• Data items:
-*-*-
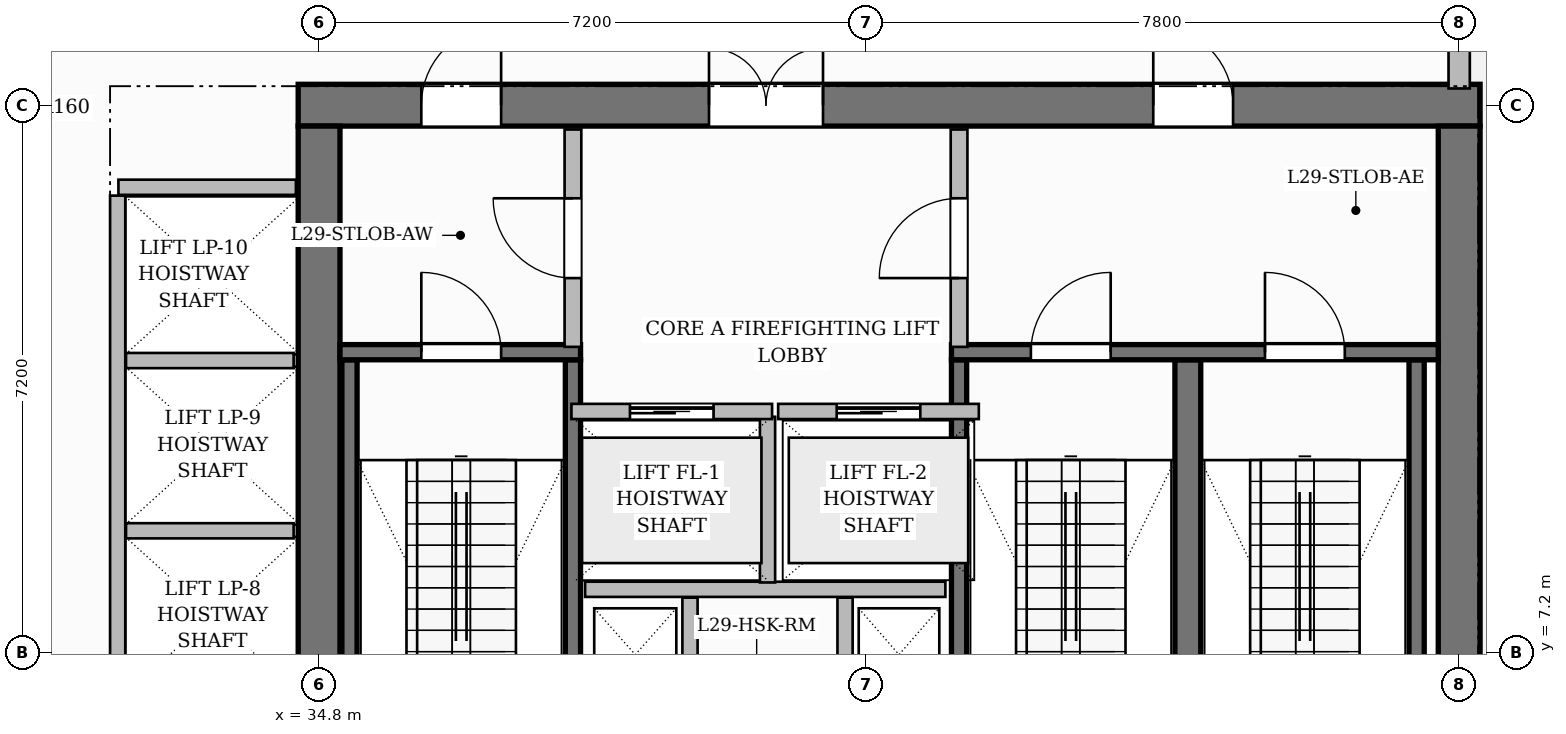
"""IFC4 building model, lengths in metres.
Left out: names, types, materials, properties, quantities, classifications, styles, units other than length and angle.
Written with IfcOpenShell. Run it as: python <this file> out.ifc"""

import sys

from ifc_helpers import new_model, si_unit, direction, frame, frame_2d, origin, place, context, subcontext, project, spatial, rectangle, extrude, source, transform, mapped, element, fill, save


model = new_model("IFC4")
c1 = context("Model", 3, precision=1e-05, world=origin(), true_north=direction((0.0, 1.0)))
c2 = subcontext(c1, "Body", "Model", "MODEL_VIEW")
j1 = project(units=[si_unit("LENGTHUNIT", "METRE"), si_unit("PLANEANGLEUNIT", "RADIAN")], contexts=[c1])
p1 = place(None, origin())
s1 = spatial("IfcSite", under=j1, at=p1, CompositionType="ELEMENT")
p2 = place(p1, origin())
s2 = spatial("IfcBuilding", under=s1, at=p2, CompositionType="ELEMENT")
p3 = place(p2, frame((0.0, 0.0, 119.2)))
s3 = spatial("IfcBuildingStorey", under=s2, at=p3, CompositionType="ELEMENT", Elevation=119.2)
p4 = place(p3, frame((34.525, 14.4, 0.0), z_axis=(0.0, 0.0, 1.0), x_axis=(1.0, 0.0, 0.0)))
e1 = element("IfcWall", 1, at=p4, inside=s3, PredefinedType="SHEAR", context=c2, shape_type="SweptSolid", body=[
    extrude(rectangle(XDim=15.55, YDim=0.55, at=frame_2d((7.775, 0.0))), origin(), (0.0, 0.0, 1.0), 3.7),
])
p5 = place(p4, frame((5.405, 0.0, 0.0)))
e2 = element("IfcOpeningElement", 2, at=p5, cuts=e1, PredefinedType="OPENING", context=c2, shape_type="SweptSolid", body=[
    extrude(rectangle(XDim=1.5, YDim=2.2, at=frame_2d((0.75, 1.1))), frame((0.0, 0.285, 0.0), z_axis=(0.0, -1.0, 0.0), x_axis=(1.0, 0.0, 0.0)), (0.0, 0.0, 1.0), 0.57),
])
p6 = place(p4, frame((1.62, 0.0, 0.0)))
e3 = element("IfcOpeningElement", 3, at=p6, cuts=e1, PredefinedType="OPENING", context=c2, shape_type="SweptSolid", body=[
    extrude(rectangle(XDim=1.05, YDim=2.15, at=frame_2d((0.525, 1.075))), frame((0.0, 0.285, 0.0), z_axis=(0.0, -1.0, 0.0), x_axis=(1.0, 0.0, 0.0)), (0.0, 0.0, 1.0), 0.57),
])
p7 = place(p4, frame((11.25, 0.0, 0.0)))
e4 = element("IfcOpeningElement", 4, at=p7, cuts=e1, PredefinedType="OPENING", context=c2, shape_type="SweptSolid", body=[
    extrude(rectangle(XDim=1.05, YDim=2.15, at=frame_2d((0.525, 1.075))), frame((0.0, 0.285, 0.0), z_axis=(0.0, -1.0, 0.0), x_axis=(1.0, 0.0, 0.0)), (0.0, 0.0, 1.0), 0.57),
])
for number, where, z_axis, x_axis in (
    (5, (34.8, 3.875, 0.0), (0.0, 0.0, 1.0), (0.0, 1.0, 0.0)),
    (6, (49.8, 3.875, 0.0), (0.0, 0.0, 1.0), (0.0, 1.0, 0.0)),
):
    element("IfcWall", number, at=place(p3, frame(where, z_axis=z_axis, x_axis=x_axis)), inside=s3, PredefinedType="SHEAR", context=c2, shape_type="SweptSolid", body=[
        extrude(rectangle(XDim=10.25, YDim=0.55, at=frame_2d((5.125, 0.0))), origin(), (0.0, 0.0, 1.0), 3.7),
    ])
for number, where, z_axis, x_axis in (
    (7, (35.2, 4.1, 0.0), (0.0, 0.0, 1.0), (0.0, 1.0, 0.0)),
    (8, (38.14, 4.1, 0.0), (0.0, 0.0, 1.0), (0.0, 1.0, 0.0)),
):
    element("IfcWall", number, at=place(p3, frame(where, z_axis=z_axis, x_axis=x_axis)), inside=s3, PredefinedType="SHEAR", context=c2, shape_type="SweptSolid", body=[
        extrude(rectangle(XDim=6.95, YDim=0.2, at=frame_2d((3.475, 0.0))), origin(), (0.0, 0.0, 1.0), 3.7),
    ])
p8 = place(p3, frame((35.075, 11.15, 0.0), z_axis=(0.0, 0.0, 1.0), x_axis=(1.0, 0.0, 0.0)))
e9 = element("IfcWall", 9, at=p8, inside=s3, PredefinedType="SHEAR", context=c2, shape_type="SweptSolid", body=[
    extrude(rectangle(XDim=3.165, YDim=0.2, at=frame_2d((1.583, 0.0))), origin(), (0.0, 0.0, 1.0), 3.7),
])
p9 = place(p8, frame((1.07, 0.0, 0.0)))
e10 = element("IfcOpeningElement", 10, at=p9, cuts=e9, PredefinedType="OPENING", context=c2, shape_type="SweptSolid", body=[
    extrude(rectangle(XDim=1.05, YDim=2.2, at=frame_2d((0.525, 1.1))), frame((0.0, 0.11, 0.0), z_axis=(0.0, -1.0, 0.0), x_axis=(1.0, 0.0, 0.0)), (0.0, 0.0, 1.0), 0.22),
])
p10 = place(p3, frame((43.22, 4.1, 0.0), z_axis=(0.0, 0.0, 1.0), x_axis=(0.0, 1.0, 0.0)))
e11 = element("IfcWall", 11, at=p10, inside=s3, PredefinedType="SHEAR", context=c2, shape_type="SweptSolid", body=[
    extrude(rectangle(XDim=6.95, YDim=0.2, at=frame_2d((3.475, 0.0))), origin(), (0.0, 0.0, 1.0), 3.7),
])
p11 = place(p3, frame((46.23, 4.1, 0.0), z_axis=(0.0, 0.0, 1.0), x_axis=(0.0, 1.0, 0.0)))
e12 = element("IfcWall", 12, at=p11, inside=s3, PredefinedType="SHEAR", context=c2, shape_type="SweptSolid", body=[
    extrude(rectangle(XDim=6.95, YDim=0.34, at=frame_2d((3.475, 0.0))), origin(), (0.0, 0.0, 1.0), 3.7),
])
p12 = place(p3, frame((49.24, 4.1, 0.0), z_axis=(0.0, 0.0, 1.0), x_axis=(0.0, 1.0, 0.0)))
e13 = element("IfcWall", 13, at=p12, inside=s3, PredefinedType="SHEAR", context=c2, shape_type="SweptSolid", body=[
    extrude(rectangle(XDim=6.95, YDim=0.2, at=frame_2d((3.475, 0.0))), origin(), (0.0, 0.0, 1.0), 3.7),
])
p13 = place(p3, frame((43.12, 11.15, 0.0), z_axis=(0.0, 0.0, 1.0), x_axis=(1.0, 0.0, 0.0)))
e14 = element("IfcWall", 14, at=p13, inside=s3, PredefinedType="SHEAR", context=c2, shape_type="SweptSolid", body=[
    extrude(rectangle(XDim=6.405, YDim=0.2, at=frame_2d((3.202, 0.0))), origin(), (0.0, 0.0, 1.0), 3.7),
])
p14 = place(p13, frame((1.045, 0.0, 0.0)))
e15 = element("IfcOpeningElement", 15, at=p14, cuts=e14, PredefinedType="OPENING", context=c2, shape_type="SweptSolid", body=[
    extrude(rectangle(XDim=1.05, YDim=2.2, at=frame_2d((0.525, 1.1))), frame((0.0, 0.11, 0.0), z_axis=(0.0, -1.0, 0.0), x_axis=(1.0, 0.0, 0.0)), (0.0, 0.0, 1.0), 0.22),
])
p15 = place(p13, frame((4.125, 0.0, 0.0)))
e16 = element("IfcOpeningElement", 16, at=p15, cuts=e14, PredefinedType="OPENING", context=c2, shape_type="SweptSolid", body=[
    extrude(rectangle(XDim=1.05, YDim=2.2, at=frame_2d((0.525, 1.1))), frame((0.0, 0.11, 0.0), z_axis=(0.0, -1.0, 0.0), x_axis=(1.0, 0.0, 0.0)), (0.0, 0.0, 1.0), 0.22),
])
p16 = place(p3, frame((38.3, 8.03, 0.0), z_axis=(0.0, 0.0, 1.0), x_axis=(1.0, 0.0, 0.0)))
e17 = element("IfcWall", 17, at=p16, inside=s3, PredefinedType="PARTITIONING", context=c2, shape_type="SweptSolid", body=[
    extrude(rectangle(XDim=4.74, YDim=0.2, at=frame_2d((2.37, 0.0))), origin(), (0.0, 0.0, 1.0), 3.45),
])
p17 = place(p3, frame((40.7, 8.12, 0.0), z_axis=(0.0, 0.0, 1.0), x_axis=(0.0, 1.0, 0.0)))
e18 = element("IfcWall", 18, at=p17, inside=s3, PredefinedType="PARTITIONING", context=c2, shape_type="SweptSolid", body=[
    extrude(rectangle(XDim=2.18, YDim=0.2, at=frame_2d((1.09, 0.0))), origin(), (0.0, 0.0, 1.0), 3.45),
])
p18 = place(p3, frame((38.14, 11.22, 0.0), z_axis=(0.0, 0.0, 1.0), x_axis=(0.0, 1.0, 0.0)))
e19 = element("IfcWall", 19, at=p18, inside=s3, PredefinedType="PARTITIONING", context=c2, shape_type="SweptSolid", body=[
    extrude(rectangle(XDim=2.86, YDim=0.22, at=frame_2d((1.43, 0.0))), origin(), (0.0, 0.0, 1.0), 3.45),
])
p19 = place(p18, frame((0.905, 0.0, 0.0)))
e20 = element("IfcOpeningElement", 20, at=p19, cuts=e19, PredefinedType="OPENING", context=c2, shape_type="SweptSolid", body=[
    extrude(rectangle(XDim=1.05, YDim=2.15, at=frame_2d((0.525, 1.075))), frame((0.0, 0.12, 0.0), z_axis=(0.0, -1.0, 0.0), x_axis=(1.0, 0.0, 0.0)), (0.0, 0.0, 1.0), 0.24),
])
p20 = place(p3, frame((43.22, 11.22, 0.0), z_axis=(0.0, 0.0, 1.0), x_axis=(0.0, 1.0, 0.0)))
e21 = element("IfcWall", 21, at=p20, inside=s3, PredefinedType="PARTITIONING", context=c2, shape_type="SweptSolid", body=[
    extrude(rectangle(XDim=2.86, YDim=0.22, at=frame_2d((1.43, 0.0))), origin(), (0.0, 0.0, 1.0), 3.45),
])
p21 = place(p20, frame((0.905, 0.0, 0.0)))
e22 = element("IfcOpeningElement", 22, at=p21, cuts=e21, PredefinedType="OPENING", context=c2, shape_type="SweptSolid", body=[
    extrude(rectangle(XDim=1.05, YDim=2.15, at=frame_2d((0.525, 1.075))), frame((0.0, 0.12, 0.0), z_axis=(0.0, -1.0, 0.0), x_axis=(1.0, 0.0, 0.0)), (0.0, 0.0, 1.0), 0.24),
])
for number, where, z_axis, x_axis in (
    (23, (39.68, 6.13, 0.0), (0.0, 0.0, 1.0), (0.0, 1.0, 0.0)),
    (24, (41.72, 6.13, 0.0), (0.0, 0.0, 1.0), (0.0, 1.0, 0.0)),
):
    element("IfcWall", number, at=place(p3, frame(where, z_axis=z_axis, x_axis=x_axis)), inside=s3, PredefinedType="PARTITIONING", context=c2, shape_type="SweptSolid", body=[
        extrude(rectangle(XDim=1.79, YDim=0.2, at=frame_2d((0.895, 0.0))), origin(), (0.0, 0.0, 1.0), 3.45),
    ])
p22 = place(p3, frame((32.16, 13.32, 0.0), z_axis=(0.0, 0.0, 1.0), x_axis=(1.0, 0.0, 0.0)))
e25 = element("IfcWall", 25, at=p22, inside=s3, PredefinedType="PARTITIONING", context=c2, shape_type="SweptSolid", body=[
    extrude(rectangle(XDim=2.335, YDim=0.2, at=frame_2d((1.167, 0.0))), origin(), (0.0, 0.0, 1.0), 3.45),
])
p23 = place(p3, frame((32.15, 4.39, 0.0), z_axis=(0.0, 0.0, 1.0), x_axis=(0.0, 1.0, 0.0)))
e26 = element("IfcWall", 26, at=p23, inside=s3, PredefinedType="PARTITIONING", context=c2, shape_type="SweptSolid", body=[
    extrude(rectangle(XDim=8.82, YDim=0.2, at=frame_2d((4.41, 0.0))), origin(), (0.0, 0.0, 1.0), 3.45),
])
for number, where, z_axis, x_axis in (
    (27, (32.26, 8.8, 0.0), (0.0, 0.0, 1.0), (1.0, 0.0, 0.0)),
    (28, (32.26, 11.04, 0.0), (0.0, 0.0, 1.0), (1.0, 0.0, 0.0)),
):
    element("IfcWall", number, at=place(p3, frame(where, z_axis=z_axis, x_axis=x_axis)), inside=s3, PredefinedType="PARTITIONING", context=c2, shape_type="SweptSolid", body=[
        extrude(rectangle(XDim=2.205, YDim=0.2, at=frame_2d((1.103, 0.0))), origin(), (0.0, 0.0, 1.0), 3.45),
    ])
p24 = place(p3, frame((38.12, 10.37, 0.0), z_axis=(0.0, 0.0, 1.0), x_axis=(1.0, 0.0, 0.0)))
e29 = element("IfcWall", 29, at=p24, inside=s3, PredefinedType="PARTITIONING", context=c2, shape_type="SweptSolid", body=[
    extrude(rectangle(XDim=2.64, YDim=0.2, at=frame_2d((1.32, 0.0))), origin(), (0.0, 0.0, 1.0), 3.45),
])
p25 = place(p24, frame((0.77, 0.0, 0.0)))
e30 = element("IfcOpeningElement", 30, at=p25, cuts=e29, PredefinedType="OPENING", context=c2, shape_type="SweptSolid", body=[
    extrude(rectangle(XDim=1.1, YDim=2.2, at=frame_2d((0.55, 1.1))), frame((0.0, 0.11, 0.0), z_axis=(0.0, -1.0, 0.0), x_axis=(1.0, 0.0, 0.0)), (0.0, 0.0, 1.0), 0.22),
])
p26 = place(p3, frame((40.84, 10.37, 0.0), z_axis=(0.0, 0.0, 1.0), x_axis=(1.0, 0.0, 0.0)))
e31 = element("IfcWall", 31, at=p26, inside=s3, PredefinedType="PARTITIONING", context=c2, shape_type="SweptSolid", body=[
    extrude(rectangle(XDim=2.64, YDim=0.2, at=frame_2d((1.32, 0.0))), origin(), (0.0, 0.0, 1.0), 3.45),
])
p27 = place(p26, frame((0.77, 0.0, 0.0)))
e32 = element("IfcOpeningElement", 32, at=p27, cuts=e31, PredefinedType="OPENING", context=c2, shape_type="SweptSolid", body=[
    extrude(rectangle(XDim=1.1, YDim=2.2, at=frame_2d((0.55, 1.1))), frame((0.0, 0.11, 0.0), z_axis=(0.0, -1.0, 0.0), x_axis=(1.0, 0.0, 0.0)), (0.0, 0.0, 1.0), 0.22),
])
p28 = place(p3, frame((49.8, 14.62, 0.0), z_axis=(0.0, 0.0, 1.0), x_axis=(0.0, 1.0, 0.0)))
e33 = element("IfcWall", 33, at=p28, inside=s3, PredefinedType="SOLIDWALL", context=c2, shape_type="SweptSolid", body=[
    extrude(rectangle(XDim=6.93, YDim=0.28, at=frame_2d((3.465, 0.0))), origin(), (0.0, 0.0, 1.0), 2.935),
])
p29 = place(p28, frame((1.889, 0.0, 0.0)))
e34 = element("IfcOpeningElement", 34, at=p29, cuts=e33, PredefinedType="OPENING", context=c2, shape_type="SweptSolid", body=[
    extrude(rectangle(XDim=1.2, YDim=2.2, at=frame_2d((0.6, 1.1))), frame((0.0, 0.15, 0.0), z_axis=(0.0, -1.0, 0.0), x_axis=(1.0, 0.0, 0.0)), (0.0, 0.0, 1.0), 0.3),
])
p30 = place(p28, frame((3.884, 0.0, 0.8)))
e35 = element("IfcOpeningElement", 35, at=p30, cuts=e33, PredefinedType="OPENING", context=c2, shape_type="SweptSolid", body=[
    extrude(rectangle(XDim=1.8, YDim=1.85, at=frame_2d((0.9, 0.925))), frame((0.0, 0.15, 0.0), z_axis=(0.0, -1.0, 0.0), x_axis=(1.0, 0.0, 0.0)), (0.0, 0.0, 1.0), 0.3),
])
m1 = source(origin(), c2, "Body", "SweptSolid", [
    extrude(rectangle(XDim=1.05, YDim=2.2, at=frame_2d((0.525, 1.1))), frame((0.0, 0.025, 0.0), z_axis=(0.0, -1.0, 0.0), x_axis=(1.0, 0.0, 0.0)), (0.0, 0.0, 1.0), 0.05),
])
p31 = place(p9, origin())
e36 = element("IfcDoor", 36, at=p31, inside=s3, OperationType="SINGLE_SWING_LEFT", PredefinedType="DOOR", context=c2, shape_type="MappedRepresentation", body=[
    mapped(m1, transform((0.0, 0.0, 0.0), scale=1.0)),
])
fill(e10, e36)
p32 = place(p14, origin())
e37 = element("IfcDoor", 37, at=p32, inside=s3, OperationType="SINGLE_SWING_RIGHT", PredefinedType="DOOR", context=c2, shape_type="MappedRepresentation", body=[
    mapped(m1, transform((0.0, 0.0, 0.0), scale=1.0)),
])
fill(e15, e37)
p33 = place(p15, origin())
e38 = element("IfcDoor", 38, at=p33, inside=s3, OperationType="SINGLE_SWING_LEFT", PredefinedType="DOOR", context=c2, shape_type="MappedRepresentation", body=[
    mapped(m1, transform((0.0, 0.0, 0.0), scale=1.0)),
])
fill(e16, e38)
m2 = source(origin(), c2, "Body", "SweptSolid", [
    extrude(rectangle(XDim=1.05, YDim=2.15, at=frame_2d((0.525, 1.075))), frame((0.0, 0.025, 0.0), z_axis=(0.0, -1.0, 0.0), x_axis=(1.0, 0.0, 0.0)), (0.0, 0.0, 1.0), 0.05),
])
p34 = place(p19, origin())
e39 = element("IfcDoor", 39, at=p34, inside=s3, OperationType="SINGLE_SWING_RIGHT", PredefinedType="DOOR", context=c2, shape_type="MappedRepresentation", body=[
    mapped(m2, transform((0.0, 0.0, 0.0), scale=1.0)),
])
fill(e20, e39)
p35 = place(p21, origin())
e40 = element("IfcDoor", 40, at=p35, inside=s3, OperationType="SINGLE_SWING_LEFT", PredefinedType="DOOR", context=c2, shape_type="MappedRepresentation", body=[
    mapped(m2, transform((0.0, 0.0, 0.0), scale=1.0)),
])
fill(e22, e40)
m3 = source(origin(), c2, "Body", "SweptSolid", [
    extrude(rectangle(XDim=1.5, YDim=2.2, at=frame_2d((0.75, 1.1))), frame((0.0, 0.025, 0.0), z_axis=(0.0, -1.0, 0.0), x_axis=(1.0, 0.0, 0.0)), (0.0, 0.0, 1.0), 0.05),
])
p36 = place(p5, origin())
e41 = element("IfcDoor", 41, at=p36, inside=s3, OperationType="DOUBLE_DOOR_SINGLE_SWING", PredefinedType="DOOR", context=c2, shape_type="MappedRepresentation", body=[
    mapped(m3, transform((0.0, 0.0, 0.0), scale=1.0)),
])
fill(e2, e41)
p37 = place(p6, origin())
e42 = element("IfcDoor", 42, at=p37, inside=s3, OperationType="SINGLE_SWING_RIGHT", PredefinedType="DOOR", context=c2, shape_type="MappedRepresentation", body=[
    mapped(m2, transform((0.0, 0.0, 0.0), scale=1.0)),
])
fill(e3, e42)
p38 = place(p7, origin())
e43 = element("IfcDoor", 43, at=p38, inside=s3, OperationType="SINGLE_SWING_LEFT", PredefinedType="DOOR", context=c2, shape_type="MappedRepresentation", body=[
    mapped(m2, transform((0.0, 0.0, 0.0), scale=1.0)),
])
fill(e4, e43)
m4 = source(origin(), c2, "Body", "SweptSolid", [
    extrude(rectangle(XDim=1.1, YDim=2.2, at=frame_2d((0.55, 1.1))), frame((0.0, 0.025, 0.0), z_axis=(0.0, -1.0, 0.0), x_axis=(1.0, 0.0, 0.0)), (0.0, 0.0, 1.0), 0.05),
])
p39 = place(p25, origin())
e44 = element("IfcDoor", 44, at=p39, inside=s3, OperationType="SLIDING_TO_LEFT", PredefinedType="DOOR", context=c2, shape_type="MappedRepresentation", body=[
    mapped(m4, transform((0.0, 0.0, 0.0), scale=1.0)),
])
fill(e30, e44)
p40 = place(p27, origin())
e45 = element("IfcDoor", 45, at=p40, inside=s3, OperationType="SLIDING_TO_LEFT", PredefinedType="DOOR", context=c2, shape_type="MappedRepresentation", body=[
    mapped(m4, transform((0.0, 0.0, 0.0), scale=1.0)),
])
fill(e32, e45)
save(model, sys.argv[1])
-*-*-
• Work instruction:
Copy out each line of the entries that holds "subcontext".

• Exercise output:
from ifc_helpers import new_model, si_unit, direction, frame, frame_2d, origin, place, context, subcontext, project, spatial, rectangle, extrude, source, transform, mapped, element, fill, save
c2 = subcontext(c1, "Body", "Model", "MODEL_VIEW")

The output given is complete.